> What is required
Those lines of the records that contain "CIRCLE" are to be located and copied.

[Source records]

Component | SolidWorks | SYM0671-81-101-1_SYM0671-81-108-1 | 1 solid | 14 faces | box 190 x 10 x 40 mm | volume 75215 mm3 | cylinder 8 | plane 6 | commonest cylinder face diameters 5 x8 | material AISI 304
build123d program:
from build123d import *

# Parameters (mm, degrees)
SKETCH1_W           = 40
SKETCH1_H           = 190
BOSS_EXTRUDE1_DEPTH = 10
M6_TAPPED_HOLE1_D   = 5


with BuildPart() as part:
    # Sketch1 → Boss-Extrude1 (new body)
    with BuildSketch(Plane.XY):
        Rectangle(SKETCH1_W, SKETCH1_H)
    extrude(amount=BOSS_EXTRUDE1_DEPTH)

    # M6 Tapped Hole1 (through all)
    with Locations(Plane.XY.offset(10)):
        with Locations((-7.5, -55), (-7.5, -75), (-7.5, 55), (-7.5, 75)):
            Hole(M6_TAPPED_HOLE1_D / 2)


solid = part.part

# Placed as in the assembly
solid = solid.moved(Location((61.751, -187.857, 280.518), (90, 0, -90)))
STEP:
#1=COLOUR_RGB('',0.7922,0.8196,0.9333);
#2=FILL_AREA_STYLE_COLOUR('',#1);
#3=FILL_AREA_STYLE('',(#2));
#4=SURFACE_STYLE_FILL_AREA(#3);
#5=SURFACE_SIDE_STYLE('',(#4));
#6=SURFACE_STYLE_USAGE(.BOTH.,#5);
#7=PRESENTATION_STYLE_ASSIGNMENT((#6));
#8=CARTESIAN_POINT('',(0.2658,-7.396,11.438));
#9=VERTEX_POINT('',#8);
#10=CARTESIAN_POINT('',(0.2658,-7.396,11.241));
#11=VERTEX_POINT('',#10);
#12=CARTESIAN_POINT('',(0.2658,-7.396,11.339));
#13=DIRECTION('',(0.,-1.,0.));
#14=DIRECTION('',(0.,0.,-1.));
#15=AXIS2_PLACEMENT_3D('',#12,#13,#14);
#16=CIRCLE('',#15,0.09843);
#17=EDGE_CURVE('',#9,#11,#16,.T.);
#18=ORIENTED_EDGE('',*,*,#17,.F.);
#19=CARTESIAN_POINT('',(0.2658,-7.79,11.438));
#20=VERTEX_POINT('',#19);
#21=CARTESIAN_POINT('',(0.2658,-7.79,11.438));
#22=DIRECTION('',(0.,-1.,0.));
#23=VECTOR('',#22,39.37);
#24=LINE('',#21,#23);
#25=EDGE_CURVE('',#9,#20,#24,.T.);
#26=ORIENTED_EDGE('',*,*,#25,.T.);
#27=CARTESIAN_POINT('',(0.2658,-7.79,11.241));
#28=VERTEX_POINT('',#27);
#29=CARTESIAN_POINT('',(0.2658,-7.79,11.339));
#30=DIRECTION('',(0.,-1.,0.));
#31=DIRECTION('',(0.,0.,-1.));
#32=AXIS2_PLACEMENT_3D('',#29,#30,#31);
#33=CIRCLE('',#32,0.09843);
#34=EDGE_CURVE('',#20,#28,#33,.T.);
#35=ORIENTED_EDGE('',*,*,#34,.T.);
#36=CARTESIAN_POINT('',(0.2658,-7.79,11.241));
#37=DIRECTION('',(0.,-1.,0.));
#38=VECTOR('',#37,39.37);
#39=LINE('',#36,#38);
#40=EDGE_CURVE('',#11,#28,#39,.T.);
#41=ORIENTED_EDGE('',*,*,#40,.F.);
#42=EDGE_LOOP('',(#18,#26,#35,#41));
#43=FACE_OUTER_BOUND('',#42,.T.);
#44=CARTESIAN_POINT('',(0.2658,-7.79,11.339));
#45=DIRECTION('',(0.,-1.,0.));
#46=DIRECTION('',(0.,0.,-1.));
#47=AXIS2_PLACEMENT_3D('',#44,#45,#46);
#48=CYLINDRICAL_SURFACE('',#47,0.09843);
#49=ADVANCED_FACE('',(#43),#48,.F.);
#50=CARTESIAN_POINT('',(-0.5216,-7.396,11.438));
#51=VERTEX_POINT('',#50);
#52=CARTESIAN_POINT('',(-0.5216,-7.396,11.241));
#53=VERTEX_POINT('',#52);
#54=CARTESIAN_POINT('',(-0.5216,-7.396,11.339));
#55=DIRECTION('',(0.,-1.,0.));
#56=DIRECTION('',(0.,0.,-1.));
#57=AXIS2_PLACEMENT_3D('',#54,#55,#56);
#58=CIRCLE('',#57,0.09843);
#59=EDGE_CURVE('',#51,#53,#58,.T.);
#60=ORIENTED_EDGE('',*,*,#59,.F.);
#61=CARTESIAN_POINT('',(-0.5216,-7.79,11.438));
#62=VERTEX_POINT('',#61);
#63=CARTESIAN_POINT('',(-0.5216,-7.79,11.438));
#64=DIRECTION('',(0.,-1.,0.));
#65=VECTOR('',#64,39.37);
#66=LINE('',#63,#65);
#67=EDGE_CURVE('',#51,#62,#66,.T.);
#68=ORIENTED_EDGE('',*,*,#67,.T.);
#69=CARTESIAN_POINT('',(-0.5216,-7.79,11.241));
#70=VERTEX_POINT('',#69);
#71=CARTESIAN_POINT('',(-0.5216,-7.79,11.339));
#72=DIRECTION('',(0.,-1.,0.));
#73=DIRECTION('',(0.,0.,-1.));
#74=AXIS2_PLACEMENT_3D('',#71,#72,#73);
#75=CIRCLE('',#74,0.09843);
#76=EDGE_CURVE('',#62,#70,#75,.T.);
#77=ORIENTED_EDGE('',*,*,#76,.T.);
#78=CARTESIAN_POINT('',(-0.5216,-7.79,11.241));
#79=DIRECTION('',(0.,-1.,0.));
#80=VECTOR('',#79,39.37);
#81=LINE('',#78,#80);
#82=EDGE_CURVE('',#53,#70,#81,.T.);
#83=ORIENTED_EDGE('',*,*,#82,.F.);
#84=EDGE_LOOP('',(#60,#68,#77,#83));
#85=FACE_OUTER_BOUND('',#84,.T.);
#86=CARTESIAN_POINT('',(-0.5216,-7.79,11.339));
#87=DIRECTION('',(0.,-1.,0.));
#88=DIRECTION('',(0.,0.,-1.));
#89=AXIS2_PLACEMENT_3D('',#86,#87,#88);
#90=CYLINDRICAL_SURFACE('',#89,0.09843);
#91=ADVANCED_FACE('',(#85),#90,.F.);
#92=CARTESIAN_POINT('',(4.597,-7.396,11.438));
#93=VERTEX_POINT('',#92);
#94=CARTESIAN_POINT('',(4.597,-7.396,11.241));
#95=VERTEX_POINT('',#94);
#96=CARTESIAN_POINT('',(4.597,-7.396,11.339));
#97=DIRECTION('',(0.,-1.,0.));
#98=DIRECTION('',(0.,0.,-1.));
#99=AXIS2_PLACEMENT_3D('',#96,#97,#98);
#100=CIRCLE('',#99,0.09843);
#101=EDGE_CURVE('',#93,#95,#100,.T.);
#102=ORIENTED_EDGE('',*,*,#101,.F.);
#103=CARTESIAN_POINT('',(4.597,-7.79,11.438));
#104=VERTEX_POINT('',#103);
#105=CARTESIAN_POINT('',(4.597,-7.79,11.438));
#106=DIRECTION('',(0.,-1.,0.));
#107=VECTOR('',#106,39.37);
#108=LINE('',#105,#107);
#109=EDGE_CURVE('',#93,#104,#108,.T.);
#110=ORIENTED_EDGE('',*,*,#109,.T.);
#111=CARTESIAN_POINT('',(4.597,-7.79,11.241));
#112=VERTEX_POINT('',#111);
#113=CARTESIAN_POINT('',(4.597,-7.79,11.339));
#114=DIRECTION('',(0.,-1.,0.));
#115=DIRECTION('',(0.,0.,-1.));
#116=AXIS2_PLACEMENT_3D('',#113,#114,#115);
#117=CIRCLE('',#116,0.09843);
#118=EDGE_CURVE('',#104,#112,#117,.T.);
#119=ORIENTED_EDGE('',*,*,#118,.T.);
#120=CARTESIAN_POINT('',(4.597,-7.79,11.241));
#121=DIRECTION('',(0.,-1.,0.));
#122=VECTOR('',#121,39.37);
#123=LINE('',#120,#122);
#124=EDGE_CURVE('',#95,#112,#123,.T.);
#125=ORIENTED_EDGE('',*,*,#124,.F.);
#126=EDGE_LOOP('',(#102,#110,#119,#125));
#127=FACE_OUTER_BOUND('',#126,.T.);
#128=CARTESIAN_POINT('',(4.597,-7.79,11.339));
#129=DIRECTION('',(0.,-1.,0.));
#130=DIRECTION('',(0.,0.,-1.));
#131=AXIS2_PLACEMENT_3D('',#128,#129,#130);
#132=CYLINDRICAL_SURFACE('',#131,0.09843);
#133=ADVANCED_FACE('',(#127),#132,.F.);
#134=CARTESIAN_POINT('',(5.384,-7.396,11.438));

> Answer box
#16=CIRCLE('',#15,0.09843);
#33=CIRCLE('',#32,0.09843);
#58=CIRCLE('',#57,0.09843);
#75=CIRCLE('',#74,0.09843);
#100=CIRCLE('',#99,0.09843);
#117=CIRCLE('',#116,0.09843);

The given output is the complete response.